• **TASK BRIEF**: Examine the records and identify each line that includes the string "parameter". Copy those lines.

• **Data excerpts**:
────────────────────

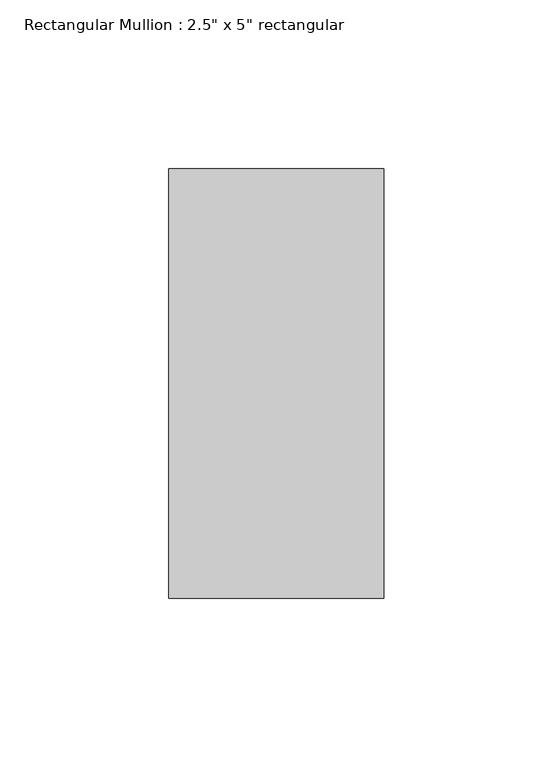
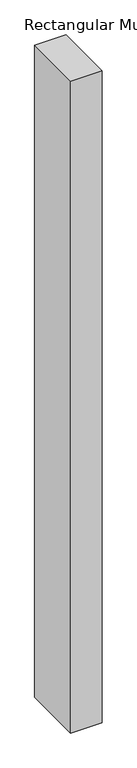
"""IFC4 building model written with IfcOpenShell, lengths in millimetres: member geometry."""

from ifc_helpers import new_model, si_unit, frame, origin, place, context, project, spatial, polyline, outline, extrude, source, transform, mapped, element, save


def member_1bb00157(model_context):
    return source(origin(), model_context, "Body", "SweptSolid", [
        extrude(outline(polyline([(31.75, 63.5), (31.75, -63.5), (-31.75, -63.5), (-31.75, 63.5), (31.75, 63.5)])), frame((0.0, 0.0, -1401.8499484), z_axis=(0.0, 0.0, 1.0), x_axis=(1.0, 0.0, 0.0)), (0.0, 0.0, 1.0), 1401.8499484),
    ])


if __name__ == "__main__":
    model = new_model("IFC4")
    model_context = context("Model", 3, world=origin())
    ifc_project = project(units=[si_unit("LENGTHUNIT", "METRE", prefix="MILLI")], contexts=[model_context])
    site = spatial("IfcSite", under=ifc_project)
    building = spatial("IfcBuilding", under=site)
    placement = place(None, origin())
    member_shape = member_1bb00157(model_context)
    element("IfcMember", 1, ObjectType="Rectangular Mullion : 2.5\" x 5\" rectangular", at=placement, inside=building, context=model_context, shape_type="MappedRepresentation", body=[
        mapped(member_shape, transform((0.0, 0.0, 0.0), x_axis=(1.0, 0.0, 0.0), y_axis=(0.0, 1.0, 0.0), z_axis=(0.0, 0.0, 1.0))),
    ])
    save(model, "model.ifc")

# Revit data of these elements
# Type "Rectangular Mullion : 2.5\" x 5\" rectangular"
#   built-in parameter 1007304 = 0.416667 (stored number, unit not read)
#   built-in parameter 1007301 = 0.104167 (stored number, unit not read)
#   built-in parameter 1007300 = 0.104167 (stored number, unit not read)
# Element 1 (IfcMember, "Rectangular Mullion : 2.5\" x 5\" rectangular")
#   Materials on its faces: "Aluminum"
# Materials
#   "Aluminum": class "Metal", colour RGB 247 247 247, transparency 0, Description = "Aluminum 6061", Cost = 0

────────────────────

• **RESPONSE TO THIS EXERCISE**:
#   built-in parameter 1007304 = 0.416667 (stored number, unit not read)
#   built-in parameter 1007301 = 0.104167 (stored number, unit not read)
#   built-in parameter 1007300 = 0.104167 (stored number, unit not read)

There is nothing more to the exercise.